DATA FOR THIS EXERCISE:

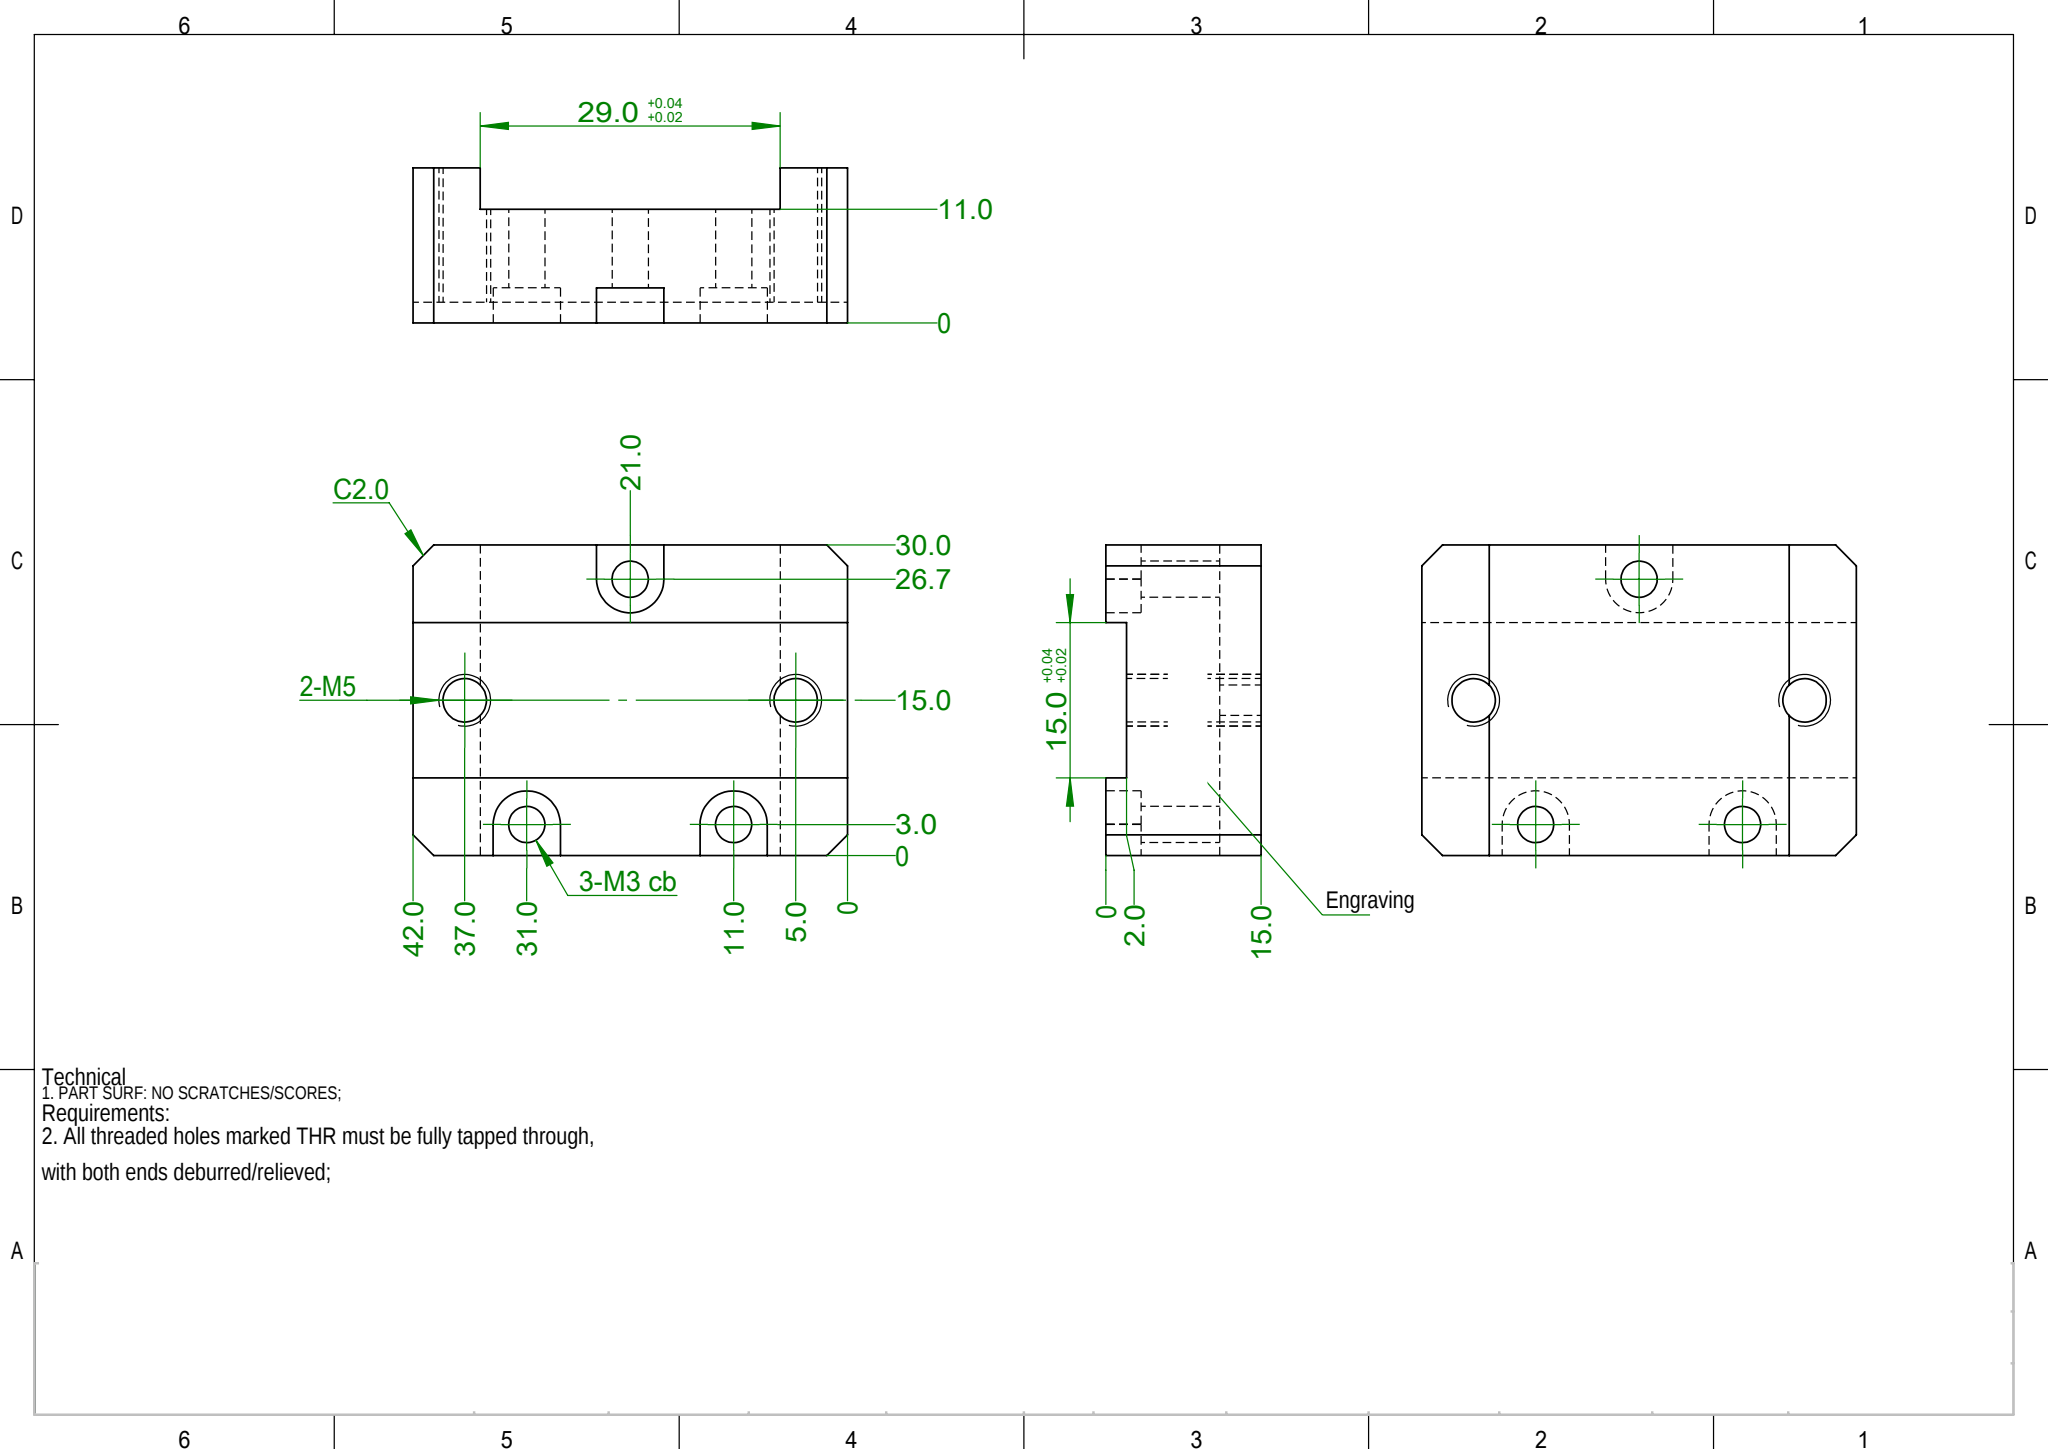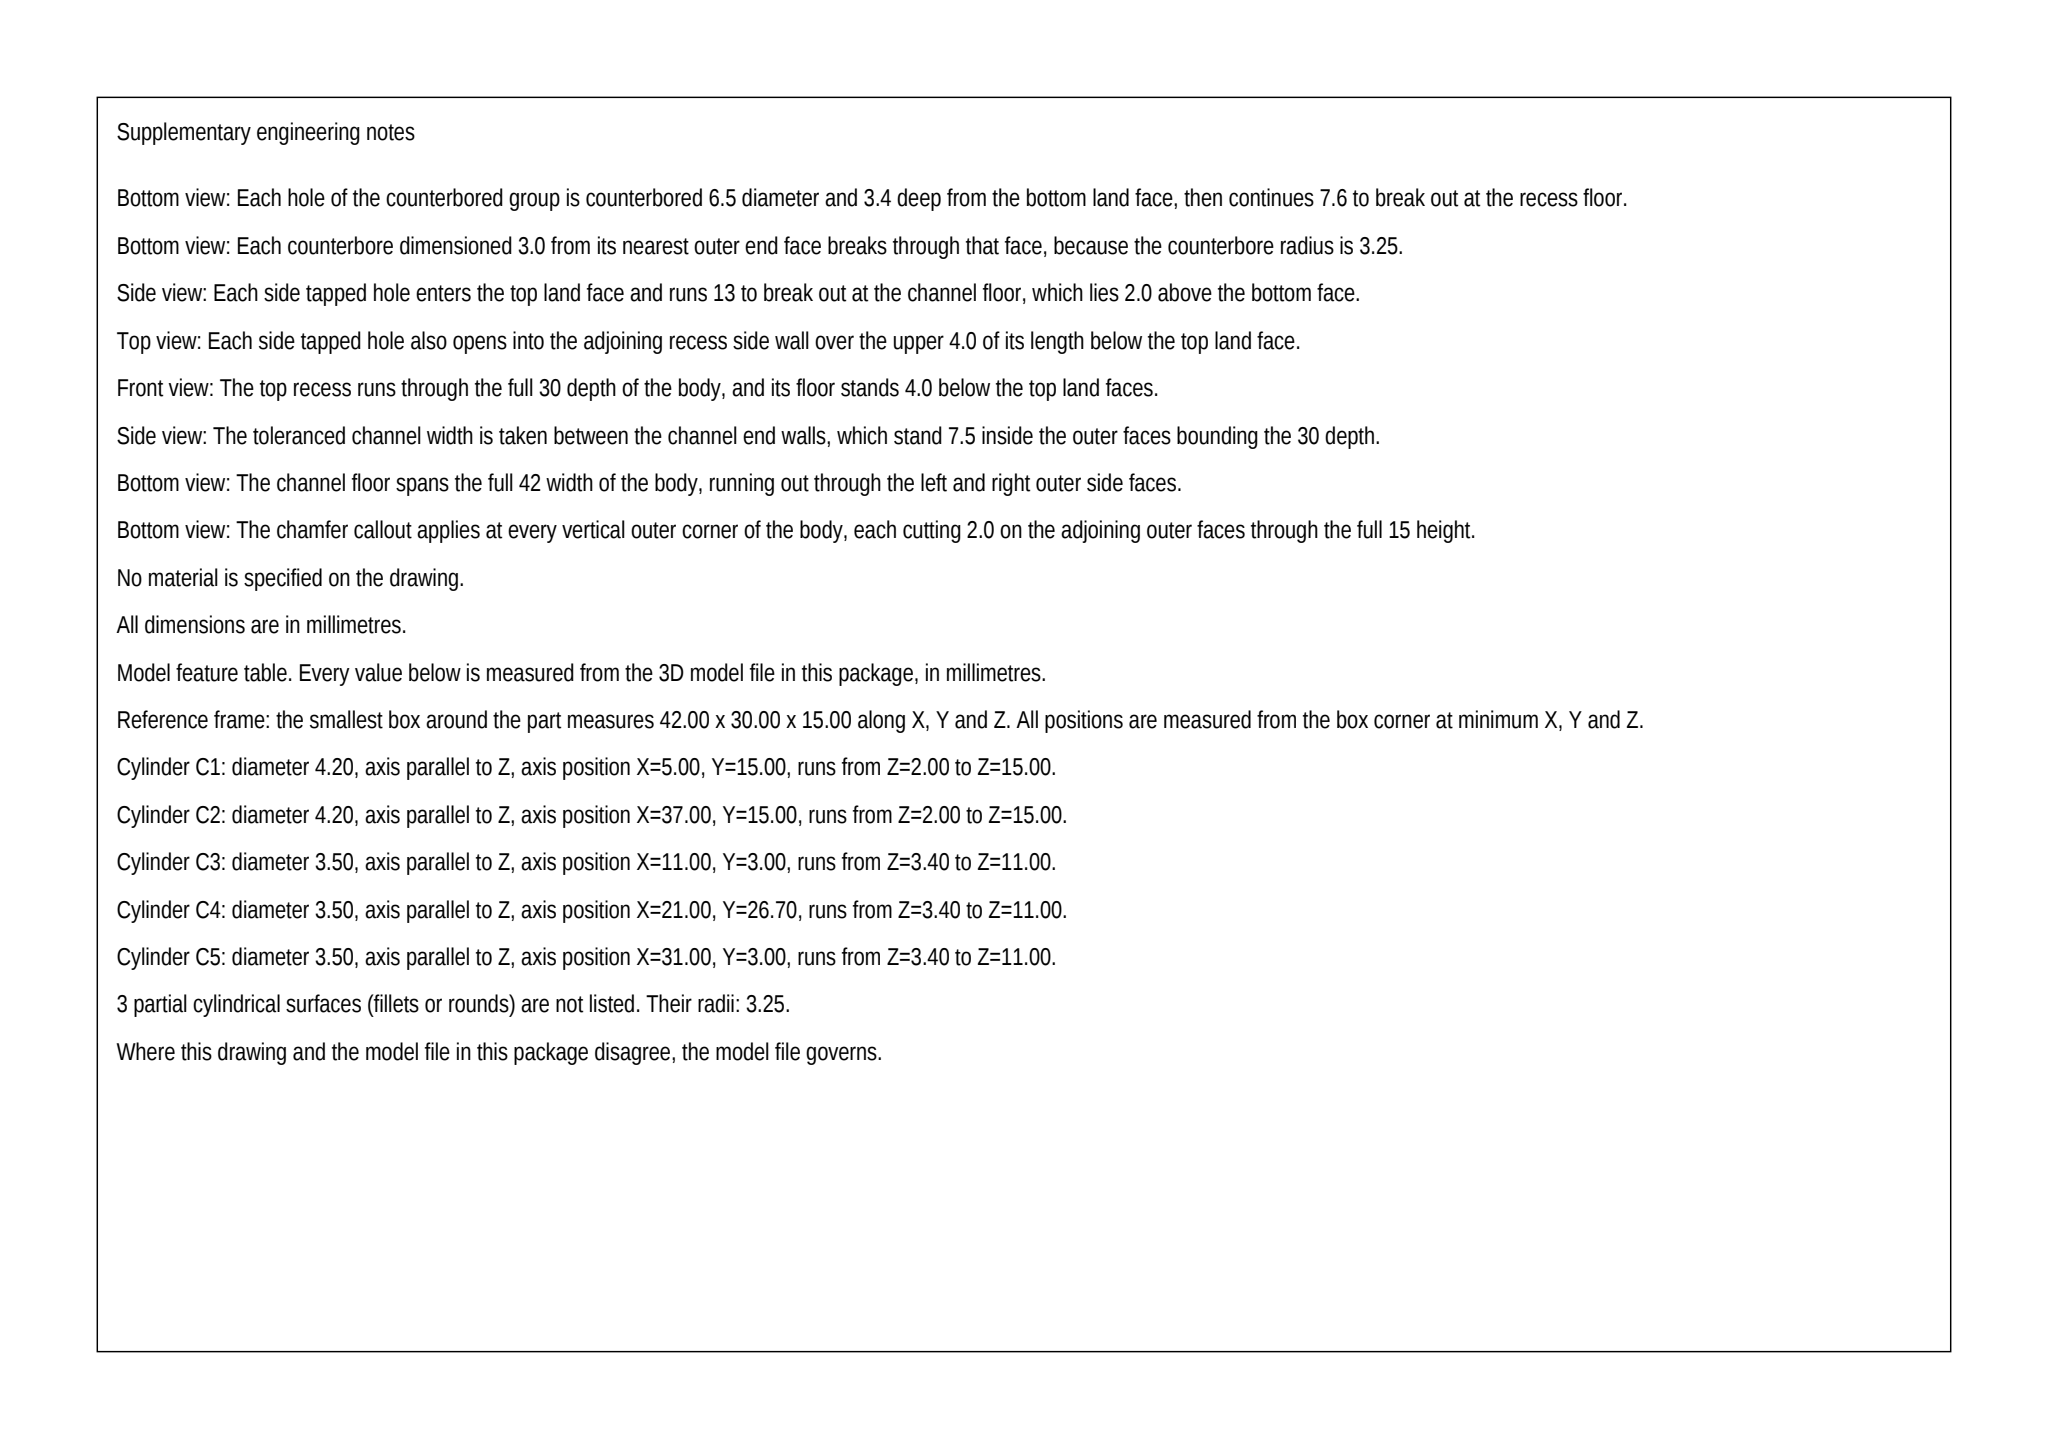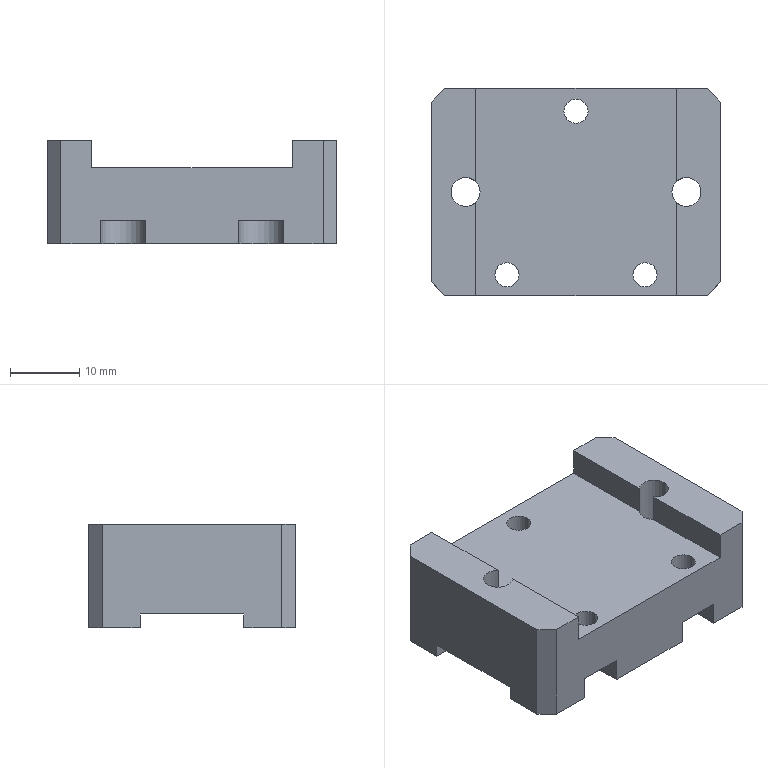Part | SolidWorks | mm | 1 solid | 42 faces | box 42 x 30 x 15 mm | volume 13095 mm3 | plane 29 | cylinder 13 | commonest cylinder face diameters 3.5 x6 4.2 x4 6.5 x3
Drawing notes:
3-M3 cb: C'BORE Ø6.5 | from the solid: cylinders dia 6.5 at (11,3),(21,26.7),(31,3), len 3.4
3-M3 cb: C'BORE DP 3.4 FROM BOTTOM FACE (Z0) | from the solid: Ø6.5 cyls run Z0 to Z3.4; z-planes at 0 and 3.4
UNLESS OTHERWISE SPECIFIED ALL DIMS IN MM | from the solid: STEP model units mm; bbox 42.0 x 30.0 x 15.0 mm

WHAT IS NEEDED: An exact copy of the records is required. Pictures do not belong in it.

ANSWER TO THE EXERCISE:
Part | SolidWorks | mm | 1 solid | 42 faces | box 42 x 30 x 15 mm | volume 13095 mm3 | plane 29 | cylinder 13 | commonest cylinder face diameters 3.5 x6 4.2 x4 6.5 x3
Drawing notes:
3-M3 cb: C'BORE Ø6.5 | from the solid: cylinders dia 6.5 at (11,3),(21,26.7),(31,3), len 3.4
3-M3 cb: C'BORE DP 3.4 FROM BOTTOM FACE (Z0) | from the solid: Ø6.5 cyls run Z0 to Z3.4; z-planes at 0 and 3.4
UNLESS OTHERWISE SPECIFIED ALL DIMS IN MM | from the solid: STEP model units mm; bbox 42.0 x 30.0 x 15.0 mm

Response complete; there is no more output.